*** DATA LISTING

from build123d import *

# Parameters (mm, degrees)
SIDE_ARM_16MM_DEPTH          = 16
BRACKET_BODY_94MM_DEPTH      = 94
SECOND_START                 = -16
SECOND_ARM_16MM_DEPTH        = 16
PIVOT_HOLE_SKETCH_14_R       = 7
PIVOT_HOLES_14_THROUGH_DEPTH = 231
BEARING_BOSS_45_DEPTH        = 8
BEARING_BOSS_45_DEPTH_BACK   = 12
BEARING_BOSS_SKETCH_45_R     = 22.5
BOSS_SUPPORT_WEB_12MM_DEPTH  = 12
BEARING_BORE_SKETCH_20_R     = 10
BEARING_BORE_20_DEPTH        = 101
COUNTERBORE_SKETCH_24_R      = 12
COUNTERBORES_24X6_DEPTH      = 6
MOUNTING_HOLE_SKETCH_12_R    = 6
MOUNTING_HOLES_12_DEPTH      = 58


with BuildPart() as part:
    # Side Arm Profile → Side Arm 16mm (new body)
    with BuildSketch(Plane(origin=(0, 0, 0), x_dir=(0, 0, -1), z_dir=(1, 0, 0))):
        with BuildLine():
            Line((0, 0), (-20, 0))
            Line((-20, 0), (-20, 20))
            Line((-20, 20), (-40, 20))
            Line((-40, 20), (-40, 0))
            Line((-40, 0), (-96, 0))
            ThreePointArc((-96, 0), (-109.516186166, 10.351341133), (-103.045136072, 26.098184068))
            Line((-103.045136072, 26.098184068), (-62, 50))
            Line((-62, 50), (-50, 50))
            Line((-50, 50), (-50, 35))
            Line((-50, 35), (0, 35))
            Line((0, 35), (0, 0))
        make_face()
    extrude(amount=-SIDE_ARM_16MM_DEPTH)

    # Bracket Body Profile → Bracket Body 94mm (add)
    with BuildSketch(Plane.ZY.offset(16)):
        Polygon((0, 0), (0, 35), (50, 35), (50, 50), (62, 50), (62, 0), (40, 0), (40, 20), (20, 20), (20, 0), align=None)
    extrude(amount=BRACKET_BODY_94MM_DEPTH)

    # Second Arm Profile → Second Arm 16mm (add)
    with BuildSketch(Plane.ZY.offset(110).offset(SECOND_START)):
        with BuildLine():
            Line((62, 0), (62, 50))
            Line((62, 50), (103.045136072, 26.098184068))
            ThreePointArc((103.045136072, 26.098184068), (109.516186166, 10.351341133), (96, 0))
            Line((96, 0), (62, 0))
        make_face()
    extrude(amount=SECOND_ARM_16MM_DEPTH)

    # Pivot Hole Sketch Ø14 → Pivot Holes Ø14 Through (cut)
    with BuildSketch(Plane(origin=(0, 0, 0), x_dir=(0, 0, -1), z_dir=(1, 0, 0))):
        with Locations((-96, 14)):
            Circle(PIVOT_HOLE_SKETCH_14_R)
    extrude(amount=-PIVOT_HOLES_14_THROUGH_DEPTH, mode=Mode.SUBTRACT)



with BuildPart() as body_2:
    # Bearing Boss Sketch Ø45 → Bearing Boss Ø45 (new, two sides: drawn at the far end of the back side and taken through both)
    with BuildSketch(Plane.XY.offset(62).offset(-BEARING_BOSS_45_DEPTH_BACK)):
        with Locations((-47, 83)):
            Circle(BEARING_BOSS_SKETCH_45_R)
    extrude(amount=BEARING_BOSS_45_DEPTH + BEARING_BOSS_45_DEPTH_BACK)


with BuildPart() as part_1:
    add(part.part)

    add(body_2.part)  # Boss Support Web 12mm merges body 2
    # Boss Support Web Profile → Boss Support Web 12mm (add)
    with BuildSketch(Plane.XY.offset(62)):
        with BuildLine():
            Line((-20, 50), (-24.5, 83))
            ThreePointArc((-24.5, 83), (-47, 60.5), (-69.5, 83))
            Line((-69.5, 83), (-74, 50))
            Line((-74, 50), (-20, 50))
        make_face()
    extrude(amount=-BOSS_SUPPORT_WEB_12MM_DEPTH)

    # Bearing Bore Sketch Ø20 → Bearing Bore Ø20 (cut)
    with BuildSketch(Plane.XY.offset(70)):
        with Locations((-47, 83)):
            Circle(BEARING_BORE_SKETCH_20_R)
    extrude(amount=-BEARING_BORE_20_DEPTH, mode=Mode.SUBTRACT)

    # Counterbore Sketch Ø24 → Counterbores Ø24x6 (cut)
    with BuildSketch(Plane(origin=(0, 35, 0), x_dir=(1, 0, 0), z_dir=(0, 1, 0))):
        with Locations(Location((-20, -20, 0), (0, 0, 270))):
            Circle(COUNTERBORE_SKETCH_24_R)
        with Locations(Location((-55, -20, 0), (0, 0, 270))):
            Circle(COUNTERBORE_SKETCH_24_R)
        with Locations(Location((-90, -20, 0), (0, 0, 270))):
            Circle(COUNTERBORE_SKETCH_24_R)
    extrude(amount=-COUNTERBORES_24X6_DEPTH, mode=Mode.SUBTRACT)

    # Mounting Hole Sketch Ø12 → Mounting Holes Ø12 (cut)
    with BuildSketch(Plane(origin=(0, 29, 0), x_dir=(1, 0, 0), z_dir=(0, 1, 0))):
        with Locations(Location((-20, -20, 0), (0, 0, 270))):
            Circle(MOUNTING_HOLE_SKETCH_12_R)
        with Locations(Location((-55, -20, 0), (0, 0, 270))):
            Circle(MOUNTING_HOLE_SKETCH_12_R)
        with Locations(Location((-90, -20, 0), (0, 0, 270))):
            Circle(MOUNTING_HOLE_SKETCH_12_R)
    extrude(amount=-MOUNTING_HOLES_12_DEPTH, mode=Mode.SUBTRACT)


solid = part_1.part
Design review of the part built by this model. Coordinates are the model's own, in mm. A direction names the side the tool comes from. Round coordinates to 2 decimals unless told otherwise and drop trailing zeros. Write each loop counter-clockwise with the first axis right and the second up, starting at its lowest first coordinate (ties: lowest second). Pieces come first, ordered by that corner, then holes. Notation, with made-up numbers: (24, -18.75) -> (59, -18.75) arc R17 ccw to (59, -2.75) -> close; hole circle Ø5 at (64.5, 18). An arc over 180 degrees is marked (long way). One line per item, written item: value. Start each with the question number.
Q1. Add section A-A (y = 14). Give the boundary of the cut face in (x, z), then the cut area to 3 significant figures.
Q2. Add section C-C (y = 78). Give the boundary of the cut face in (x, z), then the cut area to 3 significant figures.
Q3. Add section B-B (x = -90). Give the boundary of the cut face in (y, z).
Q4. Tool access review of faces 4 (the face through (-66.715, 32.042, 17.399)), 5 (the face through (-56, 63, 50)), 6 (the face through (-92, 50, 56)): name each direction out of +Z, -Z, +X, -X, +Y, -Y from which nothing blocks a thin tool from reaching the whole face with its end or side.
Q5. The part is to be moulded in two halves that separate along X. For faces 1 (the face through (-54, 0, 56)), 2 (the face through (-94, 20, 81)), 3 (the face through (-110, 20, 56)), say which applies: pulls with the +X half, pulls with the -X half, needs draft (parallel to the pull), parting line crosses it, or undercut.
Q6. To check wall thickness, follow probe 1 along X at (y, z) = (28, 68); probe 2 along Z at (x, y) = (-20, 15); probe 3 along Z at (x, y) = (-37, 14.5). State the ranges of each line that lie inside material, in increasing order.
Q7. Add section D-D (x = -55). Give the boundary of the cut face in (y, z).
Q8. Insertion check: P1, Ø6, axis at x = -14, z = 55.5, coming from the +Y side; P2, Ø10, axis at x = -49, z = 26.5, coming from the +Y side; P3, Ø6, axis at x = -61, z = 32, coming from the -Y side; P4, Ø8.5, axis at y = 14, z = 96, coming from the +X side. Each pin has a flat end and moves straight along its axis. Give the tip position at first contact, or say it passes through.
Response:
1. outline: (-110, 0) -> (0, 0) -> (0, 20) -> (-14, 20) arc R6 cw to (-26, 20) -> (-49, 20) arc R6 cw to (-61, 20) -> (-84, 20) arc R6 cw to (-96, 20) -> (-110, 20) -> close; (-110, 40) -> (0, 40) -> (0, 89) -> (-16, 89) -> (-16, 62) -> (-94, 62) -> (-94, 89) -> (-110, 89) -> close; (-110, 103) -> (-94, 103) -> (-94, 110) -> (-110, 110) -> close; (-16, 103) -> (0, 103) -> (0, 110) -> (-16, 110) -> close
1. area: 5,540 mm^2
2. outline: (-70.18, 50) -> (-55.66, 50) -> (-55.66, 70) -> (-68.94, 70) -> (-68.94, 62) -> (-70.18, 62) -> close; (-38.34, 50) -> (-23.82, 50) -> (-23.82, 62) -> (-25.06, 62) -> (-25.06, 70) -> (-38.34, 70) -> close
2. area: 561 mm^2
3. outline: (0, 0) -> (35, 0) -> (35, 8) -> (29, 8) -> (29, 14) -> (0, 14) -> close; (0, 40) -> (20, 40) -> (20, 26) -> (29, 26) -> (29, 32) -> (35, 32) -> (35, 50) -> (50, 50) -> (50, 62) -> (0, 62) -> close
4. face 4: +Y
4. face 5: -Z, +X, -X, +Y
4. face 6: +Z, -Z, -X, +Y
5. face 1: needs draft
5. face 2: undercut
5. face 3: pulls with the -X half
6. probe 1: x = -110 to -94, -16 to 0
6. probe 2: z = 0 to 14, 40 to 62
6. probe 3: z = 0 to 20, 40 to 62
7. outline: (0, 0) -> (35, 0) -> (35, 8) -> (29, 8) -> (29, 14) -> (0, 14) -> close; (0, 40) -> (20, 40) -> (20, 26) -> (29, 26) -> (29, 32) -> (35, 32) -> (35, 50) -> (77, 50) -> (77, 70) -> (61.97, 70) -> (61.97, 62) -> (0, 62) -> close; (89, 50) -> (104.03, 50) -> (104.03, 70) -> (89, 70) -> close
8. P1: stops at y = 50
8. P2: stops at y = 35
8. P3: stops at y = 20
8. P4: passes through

******

YOUR GOAL: What belongs in the answer is each line of the data that has the word "Profile".

RESPONSE TO THIS TASK:
    # Side Arm Profile → Side Arm 16mm (new body)
    # Bracket Body Profile → Bracket Body 94mm (add)
    # Second Arm Profile → Second Arm 16mm (add)
    # Boss Support Web Profile → Boss Support Web 12mm (add)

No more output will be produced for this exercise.